## TASK DIRECTIONS
The entries are given below. Output each one unchanged.

## DATA FOR THIS EXERCISE
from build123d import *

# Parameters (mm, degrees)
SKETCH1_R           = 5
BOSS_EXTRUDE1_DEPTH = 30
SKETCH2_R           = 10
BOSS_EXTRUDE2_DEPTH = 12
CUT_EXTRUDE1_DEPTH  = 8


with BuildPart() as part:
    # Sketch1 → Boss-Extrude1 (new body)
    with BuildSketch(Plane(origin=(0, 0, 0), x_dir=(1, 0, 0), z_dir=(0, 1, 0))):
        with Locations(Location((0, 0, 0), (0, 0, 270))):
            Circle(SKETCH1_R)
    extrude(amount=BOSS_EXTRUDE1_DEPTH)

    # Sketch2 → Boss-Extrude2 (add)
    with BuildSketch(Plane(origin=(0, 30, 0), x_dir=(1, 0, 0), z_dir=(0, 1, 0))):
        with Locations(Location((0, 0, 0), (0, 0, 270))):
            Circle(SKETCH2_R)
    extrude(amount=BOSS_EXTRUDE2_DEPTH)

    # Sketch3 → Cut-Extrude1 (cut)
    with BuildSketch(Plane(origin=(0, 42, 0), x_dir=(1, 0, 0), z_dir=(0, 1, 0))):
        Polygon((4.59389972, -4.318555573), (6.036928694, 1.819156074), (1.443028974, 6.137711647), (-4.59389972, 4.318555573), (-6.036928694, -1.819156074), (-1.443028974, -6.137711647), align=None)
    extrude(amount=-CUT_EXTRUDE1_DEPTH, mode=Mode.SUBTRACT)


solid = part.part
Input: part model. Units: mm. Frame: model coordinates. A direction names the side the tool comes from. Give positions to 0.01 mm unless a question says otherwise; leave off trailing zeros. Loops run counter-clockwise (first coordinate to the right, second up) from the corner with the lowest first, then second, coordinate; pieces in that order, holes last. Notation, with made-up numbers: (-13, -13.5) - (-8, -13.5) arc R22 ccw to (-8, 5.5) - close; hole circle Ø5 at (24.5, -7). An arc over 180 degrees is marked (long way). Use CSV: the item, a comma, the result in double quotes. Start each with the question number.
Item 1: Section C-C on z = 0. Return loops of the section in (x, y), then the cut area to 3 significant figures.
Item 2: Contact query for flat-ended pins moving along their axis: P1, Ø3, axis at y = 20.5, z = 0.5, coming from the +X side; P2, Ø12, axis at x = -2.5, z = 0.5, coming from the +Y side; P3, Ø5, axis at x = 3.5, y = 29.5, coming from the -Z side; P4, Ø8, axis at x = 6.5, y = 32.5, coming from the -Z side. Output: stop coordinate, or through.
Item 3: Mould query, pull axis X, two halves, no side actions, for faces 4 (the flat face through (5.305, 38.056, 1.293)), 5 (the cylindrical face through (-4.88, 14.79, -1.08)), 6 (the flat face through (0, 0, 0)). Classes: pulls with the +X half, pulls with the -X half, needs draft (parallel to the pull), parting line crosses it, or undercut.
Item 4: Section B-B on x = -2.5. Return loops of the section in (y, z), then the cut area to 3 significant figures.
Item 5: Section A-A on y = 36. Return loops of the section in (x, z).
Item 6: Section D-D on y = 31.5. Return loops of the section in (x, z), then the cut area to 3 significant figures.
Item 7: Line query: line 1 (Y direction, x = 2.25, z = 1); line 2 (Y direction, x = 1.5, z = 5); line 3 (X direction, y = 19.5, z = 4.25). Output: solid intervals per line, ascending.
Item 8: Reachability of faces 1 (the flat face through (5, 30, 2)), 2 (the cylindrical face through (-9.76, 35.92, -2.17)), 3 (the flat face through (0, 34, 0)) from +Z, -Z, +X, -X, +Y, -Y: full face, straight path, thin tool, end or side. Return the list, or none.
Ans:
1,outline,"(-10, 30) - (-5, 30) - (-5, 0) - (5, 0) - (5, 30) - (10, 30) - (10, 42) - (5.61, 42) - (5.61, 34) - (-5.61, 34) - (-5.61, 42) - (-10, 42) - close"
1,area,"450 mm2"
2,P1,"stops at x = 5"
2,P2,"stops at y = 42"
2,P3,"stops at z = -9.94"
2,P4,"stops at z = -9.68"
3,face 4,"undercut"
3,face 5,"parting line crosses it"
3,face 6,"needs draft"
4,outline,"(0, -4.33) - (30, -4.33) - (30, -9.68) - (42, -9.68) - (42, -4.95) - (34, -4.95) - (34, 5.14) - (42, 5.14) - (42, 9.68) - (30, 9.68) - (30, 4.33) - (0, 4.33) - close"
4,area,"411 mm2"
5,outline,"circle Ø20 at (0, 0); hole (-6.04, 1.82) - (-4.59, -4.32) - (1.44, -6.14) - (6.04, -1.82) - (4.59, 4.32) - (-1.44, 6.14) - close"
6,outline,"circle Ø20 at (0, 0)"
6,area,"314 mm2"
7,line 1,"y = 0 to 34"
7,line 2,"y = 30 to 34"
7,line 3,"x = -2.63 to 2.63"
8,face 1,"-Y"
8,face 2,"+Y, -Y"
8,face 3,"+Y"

## TASK ANSWER
from build123d import *

# Parameters (mm, degrees)
SKETCH1_R           = 5
BOSS_EXTRUDE1_DEPTH = 30
SKETCH2_R           = 10
BOSS_EXTRUDE2_DEPTH = 12
CUT_EXTRUDE1_DEPTH  = 8


with BuildPart() as part:
    # Sketch1 → Boss-Extrude1 (new body)
    with BuildSketch(Plane(origin=(0, 0, 0), x_dir=(1, 0, 0), z_dir=(0, 1, 0))):
        with Locations(Location((0, 0, 0), (0, 0, 270))):
            Circle(SKETCH1_R)
    extrude(amount=BOSS_EXTRUDE1_DEPTH)

    # Sketch2 → Boss-Extrude2 (add)
    with BuildSketch(Plane(origin=(0, 30, 0), x_dir=(1, 0, 0), z_dir=(0, 1, 0))):
        with Locations(Location((0, 0, 0), (0, 0, 270))):
            Circle(SKETCH2_R)
    extrude(amount=BOSS_EXTRUDE2_DEPTH)

    # Sketch3 → Cut-Extrude1 (cut)
    with BuildSketch(Plane(origin=(0, 42, 0), x_dir=(1, 0, 0), z_dir=(0, 1, 0))):
        Polygon((4.59389972, -4.318555573), (6.036928694, 1.819156074), (1.443028974, 6.137711647), (-4.59389972, 4.318555573), (-6.036928694, -1.819156074), (-1.443028974, -6.137711647), align=None)
    extrude(amount=-CUT_EXTRUDE1_DEPTH, mode=Mode.SUBTRACT)


solid = part.part
Input: part model. Units: mm. Frame: model coordinates. A direction names the side the tool comes from. Give positions to 0.01 mm unless a question says otherwise; leave off trailing zeros. Loops run counter-clockwise (first coordinate to the right, second up) from the corner with the lowest first, then second, coordinate; pieces in that order, holes last. Notation, with made-up numbers: (-13, -13.5) - (-8, -13.5) arc R22 ccw to (-8, 5.5) - close; hole circle Ø5 at (24.5, -7). An arc over 180 degrees is marked (long way). Use CSV: the item, a comma, the result in double quotes. Start each with the question number.
Item 1: Section C-C on z = 0. Return loops of the section in (x, y), then the cut area to 3 significant figures.
Item 2: Contact query for flat-ended pins moving along their axis: P1, Ø3, axis at y = 20.5, z = 0.5, coming from the +X side; P2, Ø12, axis at x = -2.5, z = 0.5, coming from the +Y side; P3, Ø5, axis at x = 3.5, y = 29.5, coming from the -Z side; P4, Ø8, axis at x = 6.5, y = 32.5, coming from the -Z side. Output: stop coordinate, or through.
Item 3: Mould query, pull axis X, two halves, no side actions, for faces 4 (the flat face through (5.305, 38.056, 1.293)), 5 (the cylindrical face through (-4.88, 14.79, -1.08)), 6 (the flat face through (0, 0, 0)). Classes: pulls with the +X half, pulls with the -X half, needs draft (parallel to the pull), parting line crosses it, or undercut.
Item 4: Section B-B on x = -2.5. Return loops of the section in (y, z), then the cut area to 3 significant figures.
Item 5: Section A-A on y = 36. Return loops of the section in (x, z).
Item 6: Section D-D on y = 31.5. Return loops of the section in (x, z), then the cut area to 3 significant figures.
Item 7: Line query: line 1 (Y direction, x = 2.25, z = 1); line 2 (Y direction, x = 1.5, z = 5); line 3 (X direction, y = 19.5, z = 4.25). Output: solid intervals per line, ascending.
Item 8: Reachability of faces 1 (the flat face through (5, 30, 2)), 2 (the cylindrical face through (-9.76, 35.92, -2.17)), 3 (the flat face through (0, 34, 0)) from +Z, -Z, +X, -X, +Y, -Y: full face, straight path, thin tool, end or side. Return the list, or none.
Ans:
1,outline,"(-10, 30) - (-5, 30) - (-5, 0) - (5, 0) - (5, 30) - (10, 30) - (10, 42) - (5.61, 42) - (5.61, 34) - (-5.61, 34) - (-5.61, 42) - (-10, 42) - close"
1,area,"450 mm2"
2,P1,"stops at x = 5"
2,P2,"stops at y = 42"
2,P3,"stops at z = -9.94"
2,P4,"stops at z = -9.68"
3,face 4,"undercut"
3,face 5,"parting line crosses it"
3,face 6,"needs draft"
4,outline,"(0, -4.33) - (30, -4.33) - (30, -9.68) - (42, -9.68) - (42, -4.95) - (34, -4.95) - (34, 5.14) - (42, 5.14) - (42, 9.68) - (30, 9.68) - (30, 4.33) - (0, 4.33) - close"
4,area,"411 mm2"
5,outline,"circle Ø20 at (0, 0); hole (-6.04, 1.82) - (-4.59, -4.32) - (1.44, -6.14) - (6.04, -1.82) - (4.59, 4.32) - (-1.44, 6.14) - close"
6,outline,"circle Ø20 at (0, 0)"
6,area,"314 mm2"
7,line 1,"y = 0 to 34"
7,line 2,"y = 30 to 34"
7,line 3,"x = -2.63 to 2.63"
8,face 1,"-Y"
8,face 2,"+Y, -Y"
8,face 3,"+Y"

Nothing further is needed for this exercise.